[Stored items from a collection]
◇ ◇ ◇
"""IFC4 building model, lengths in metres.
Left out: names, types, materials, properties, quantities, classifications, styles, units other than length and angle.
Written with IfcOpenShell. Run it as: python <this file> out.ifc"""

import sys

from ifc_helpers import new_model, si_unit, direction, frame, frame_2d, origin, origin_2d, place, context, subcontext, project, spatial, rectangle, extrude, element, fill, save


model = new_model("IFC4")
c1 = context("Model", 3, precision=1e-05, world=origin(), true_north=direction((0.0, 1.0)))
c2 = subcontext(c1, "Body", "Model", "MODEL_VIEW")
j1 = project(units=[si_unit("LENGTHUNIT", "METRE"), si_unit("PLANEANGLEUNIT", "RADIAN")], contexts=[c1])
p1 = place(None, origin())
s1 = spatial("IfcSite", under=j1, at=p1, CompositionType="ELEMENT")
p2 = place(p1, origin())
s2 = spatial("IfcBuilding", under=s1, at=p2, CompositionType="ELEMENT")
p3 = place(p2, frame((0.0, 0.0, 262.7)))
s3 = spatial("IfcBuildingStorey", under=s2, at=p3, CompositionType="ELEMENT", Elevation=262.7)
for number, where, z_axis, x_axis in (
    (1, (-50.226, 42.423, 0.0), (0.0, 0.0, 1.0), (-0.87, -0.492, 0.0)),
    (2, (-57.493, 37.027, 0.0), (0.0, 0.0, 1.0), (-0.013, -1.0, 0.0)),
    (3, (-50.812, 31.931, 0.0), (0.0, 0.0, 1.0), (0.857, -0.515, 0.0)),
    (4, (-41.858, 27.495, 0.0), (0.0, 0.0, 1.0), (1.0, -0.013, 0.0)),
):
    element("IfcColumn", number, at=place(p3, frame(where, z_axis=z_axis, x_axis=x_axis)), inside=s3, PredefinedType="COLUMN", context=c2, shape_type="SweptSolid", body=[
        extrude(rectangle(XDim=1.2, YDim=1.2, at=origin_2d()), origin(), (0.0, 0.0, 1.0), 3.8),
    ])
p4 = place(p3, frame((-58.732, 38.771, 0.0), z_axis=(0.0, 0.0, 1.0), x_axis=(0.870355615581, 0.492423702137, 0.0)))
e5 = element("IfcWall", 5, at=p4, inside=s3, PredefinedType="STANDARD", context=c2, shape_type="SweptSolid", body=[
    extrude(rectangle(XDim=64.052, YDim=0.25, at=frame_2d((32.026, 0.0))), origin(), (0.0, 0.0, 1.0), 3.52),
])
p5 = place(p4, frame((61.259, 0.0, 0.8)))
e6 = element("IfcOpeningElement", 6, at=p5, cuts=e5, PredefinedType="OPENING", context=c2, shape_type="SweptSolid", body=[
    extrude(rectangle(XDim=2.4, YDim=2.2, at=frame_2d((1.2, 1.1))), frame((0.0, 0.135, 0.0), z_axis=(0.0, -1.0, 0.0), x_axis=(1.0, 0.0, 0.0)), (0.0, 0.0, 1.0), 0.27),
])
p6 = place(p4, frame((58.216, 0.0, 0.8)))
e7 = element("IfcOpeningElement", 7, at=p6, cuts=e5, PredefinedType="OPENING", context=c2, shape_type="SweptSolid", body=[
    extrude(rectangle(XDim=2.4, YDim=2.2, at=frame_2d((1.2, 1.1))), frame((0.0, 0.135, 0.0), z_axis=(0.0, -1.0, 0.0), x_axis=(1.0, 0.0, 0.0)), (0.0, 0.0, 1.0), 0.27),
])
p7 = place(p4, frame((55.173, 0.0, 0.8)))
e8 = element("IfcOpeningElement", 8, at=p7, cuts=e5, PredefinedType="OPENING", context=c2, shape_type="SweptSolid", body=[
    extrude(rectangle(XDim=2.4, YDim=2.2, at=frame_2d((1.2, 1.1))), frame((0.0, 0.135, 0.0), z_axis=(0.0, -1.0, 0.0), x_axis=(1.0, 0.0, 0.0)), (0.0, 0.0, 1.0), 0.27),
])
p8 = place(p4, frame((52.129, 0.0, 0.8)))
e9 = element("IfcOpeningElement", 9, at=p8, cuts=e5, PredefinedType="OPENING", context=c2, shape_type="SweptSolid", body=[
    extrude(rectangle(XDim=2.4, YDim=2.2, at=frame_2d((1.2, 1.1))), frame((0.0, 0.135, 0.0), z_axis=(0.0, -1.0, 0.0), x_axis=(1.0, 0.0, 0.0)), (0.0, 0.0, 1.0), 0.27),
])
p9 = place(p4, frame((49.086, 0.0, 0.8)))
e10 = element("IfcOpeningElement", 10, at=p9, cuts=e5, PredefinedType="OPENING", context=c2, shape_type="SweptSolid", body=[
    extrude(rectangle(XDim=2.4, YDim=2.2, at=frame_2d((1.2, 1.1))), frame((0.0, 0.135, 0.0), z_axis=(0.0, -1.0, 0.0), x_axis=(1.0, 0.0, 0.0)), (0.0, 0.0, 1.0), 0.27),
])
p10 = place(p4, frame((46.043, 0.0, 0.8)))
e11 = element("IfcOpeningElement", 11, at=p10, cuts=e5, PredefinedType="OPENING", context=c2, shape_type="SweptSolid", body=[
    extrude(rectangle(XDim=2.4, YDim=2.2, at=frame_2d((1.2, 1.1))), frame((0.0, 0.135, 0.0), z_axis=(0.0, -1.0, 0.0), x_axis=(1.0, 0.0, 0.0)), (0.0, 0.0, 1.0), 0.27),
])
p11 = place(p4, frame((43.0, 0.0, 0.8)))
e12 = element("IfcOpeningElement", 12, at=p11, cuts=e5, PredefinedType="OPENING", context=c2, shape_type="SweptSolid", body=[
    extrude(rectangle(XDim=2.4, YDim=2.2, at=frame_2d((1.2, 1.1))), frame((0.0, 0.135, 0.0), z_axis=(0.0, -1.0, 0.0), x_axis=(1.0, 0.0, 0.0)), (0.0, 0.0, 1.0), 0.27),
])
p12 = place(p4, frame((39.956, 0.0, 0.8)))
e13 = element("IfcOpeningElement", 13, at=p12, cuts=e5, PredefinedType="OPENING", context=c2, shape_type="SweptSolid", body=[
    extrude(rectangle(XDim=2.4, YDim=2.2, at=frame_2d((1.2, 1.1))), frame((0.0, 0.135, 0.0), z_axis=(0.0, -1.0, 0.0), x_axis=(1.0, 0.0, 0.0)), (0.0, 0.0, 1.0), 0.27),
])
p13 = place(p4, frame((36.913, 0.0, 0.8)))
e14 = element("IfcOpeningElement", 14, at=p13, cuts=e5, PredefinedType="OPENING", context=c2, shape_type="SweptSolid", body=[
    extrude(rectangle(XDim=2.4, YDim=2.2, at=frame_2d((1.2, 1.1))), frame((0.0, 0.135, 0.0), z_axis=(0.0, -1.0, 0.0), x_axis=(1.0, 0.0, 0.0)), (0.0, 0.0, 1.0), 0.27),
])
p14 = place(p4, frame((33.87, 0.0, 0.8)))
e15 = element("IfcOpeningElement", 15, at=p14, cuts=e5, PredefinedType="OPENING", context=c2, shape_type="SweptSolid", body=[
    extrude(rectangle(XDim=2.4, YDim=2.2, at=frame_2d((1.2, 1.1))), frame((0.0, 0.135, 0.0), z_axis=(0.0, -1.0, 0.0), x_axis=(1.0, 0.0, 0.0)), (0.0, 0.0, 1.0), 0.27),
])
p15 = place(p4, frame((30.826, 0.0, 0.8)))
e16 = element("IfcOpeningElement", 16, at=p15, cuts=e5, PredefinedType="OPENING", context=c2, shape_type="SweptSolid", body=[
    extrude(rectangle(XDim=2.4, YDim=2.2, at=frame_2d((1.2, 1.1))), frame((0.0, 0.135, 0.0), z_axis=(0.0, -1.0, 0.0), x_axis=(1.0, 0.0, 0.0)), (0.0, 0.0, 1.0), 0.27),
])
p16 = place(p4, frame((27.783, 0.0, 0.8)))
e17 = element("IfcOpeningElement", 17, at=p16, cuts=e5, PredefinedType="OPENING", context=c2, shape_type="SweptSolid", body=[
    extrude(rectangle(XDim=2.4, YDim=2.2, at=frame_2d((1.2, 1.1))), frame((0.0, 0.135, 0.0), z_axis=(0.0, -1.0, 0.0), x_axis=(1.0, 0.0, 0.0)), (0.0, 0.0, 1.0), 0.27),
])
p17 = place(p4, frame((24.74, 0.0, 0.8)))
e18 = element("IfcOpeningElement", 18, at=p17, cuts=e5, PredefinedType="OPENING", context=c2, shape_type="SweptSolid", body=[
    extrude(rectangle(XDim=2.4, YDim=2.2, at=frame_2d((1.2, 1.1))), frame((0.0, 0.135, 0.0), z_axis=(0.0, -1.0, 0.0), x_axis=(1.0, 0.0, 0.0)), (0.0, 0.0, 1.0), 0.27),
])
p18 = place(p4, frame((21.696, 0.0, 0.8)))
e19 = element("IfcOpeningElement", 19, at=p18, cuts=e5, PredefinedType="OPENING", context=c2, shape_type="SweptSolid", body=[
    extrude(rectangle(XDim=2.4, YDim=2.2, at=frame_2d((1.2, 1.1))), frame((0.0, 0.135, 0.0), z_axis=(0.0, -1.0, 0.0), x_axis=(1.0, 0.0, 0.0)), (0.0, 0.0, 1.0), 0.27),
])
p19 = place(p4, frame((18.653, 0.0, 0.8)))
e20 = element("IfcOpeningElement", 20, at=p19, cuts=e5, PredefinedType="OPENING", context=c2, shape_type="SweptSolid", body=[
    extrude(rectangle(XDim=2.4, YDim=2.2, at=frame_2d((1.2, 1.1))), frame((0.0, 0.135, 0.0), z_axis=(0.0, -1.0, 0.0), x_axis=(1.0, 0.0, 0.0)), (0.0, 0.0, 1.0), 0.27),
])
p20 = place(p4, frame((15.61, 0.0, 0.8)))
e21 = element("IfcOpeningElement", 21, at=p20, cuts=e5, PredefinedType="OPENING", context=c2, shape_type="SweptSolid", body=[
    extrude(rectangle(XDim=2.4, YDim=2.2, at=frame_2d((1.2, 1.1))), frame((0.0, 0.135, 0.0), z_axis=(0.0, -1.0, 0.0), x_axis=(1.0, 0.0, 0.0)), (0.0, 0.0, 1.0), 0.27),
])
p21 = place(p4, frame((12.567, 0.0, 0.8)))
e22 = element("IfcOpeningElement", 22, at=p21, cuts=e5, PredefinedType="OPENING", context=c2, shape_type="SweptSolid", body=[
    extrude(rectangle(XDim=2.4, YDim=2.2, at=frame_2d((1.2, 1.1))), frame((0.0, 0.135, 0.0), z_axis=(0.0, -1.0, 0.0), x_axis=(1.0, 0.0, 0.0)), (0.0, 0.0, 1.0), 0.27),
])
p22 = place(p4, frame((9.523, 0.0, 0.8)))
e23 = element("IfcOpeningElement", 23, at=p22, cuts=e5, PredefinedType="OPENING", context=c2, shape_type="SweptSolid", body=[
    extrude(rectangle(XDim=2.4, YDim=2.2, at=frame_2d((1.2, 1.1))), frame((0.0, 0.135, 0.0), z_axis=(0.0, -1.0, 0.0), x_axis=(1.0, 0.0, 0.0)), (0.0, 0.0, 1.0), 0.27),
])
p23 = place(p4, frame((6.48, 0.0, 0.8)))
◇ ◇ ◇
* What needs to be done *
Would you report every line of the entries above containing the word "under"?

* Answer area *
s1 = spatial("IfcSite", under=j1, at=p1, CompositionType="ELEMENT")
s2 = spatial("IfcBuilding", under=s1, at=p2, CompositionType="ELEMENT")
s3 = spatial("IfcBuildingStorey", under=s2, at=p3, CompositionType="ELEMENT", Elevation=262.7)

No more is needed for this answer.